Only one stretch of the data below is wanted: the lines starting at the one with "#89=EDGE_CURVE('',#82,#84,#88,.T.);" and ending at the one with "#95=DIRECTION('',(0.,0.,1.));", both included, given again exactly.

(Collection entries)
═══

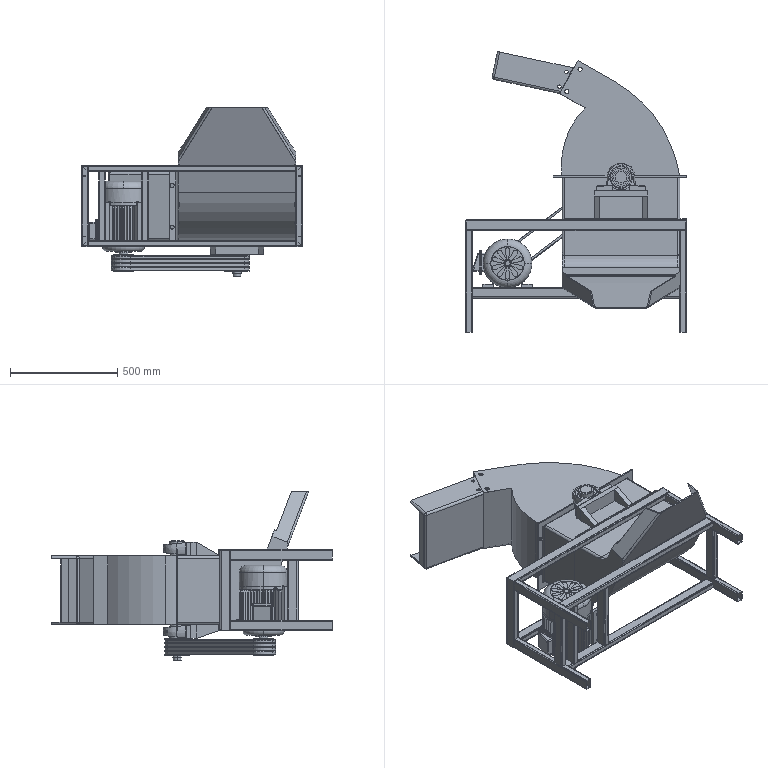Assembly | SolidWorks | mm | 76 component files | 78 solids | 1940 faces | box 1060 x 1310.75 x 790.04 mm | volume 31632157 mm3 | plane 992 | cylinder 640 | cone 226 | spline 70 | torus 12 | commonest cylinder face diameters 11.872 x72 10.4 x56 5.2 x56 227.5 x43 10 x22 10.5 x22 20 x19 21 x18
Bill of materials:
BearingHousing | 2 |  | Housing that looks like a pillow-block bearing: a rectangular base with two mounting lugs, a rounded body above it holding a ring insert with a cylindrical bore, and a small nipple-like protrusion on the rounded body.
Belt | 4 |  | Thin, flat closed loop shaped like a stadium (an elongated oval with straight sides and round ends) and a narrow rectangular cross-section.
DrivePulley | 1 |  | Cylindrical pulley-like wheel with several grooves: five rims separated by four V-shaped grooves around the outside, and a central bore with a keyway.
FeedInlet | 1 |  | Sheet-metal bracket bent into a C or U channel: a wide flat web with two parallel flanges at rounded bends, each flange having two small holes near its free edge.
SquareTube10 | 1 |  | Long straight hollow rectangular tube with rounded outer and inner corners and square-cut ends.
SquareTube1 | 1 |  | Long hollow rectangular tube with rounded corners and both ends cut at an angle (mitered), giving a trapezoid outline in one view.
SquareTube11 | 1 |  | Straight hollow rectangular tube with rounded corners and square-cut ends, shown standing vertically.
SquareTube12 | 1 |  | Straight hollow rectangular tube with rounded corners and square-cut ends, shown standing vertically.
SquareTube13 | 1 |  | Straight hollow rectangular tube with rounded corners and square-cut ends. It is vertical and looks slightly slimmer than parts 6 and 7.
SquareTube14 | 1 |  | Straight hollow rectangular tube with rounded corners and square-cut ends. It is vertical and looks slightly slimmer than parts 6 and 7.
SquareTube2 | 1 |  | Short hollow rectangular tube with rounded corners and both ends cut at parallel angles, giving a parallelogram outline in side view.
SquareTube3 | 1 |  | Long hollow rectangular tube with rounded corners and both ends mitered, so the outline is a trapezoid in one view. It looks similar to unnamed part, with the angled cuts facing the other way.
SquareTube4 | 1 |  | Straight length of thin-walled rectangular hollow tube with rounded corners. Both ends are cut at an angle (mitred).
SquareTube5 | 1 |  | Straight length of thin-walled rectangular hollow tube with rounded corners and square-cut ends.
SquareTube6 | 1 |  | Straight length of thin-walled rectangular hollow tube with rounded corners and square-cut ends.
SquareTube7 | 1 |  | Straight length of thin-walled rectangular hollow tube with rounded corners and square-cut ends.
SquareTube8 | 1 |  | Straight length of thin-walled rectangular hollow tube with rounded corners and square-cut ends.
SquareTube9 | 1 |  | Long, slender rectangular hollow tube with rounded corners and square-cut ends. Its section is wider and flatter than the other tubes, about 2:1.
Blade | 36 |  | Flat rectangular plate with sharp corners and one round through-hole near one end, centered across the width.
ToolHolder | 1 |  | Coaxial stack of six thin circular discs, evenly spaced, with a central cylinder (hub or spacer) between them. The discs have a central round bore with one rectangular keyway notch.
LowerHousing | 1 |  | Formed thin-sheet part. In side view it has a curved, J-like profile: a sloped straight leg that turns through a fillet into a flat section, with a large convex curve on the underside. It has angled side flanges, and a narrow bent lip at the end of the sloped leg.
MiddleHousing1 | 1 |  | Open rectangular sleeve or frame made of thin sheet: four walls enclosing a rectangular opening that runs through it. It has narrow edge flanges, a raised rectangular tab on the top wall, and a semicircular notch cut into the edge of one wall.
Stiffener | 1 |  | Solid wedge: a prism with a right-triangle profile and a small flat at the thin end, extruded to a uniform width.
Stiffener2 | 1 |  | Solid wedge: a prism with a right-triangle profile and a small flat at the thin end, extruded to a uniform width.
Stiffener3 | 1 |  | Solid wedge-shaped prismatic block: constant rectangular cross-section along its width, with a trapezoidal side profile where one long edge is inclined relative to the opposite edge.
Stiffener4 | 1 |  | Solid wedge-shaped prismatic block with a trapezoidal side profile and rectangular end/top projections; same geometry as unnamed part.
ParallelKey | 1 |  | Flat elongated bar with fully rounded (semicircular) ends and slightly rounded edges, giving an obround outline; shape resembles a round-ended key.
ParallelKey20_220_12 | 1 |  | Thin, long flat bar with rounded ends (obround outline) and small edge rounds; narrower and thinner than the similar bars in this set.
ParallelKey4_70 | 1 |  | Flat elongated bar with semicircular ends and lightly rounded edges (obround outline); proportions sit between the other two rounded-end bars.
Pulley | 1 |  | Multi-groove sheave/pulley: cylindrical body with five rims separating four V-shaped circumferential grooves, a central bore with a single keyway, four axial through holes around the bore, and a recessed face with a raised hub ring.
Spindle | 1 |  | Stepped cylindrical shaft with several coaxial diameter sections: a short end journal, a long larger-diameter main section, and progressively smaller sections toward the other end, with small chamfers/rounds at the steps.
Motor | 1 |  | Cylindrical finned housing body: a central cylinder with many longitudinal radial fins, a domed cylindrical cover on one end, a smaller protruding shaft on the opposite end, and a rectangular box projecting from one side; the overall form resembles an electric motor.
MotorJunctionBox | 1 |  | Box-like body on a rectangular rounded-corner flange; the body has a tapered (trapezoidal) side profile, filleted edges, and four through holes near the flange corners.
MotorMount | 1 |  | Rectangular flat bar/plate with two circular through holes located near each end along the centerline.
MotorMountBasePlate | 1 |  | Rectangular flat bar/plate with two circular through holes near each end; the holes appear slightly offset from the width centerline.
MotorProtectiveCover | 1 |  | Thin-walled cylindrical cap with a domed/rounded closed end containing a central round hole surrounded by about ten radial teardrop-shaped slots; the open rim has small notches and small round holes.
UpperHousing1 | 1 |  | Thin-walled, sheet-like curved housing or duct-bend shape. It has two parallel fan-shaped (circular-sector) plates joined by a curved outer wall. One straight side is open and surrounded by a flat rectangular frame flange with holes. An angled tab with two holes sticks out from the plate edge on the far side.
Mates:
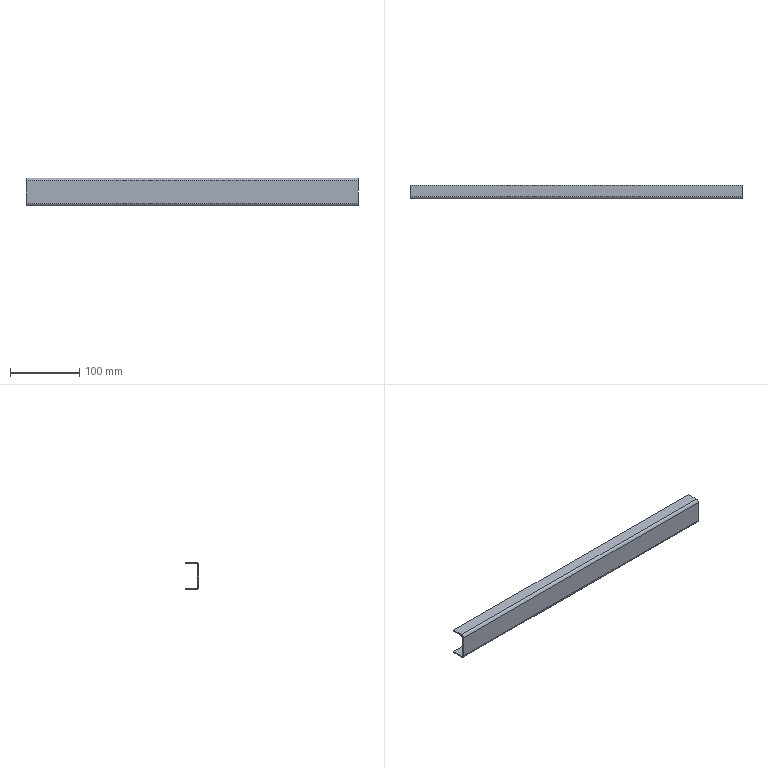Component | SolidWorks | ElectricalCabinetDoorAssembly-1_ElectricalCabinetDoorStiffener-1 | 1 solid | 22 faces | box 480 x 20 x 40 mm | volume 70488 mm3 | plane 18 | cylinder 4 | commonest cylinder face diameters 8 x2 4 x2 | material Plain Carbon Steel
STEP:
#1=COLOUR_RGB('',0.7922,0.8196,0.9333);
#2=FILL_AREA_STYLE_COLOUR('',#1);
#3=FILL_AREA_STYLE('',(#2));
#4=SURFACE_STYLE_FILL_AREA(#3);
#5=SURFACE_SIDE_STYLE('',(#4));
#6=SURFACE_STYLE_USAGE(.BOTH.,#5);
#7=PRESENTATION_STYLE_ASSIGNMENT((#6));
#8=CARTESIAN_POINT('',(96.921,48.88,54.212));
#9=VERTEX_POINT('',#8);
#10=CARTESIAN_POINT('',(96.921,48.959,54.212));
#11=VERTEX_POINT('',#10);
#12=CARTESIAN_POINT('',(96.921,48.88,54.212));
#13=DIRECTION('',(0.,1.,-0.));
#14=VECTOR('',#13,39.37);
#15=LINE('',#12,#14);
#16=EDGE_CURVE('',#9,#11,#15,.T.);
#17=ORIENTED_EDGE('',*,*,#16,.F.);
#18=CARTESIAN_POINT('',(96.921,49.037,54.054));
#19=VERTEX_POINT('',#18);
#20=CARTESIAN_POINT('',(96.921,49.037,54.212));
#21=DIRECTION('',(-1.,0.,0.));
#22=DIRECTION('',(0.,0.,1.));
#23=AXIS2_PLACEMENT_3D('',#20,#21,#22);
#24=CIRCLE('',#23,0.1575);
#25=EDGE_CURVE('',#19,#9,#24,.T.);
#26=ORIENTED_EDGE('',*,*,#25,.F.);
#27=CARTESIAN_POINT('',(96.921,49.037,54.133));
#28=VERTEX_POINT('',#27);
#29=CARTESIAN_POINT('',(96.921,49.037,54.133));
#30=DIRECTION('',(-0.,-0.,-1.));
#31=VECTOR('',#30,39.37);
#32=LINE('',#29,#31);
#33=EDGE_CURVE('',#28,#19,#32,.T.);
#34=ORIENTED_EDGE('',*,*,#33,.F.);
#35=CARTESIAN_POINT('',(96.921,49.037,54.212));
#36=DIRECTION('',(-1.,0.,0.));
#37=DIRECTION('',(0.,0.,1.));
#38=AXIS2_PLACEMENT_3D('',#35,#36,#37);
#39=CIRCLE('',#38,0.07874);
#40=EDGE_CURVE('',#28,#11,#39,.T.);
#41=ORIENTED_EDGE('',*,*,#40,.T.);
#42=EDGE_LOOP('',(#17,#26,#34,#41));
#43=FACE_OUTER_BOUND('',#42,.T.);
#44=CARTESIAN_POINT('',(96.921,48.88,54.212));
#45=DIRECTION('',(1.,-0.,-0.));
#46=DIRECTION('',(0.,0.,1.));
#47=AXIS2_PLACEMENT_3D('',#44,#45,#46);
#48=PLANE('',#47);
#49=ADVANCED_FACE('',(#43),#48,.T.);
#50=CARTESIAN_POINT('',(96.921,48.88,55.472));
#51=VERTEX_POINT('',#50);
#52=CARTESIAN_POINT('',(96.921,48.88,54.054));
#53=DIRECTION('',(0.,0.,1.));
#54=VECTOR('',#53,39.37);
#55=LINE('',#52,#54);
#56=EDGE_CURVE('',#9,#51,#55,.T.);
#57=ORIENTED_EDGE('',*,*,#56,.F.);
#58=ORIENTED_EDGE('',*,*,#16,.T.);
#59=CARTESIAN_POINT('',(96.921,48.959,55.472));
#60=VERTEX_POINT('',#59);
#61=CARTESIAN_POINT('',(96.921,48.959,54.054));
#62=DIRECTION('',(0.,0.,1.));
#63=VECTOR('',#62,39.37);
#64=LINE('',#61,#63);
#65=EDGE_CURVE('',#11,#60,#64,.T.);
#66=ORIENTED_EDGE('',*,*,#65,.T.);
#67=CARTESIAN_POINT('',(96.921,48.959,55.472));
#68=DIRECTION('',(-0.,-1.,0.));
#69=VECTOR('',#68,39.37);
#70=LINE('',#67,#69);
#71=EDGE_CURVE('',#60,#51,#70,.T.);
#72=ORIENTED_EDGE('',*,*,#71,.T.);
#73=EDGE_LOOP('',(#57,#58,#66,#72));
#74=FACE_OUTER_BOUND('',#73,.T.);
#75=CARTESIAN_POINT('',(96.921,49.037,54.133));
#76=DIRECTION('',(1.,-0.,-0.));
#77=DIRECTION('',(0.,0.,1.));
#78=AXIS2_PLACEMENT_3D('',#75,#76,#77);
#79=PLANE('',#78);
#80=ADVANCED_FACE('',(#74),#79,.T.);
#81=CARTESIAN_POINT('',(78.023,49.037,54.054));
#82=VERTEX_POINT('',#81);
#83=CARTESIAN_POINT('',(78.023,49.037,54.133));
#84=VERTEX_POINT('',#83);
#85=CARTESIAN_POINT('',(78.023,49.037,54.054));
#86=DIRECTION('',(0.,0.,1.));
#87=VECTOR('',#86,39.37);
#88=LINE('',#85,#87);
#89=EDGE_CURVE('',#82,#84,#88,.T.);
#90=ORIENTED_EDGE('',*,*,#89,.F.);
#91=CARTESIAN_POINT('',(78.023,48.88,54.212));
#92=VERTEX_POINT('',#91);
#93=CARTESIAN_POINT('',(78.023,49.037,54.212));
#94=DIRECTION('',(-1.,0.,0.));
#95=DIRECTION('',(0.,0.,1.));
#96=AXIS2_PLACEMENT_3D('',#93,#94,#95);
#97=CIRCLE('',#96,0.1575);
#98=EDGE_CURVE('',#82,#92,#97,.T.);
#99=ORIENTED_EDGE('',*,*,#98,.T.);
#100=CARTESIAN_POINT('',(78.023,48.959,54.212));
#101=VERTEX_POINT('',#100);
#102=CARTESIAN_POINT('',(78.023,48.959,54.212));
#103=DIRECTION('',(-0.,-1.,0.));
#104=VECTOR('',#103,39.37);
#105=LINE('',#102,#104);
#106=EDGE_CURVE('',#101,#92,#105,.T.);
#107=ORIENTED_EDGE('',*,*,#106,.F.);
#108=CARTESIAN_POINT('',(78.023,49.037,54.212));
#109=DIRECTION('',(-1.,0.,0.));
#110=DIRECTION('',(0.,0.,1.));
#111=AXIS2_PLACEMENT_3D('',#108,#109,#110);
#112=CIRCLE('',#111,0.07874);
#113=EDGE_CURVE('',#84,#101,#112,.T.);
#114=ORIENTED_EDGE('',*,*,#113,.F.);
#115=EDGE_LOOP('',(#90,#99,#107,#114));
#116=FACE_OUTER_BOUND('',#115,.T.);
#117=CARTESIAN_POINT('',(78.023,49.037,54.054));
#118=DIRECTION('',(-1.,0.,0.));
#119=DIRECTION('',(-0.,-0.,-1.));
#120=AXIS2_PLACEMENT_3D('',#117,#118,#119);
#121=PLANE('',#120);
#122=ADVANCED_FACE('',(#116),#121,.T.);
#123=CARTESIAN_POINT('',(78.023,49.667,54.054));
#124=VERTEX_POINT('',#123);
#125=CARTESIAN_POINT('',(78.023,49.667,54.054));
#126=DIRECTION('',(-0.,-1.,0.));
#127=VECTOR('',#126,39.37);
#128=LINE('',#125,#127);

═══

**RESPONSE**
#89=EDGE_CURVE('',#82,#84,#88,.T.);
#90=ORIENTED_EDGE('',*,*,#89,.F.);
#91=CARTESIAN_POINT('',(78.023,48.88,54.212));
#92=VERTEX_POINT('',#91);
#93=CARTESIAN_POINT('',(78.023,49.037,54.212));
#94=DIRECTION('',(-1.,0.,0.));
#95=DIRECTION('',(0.,0.,1.));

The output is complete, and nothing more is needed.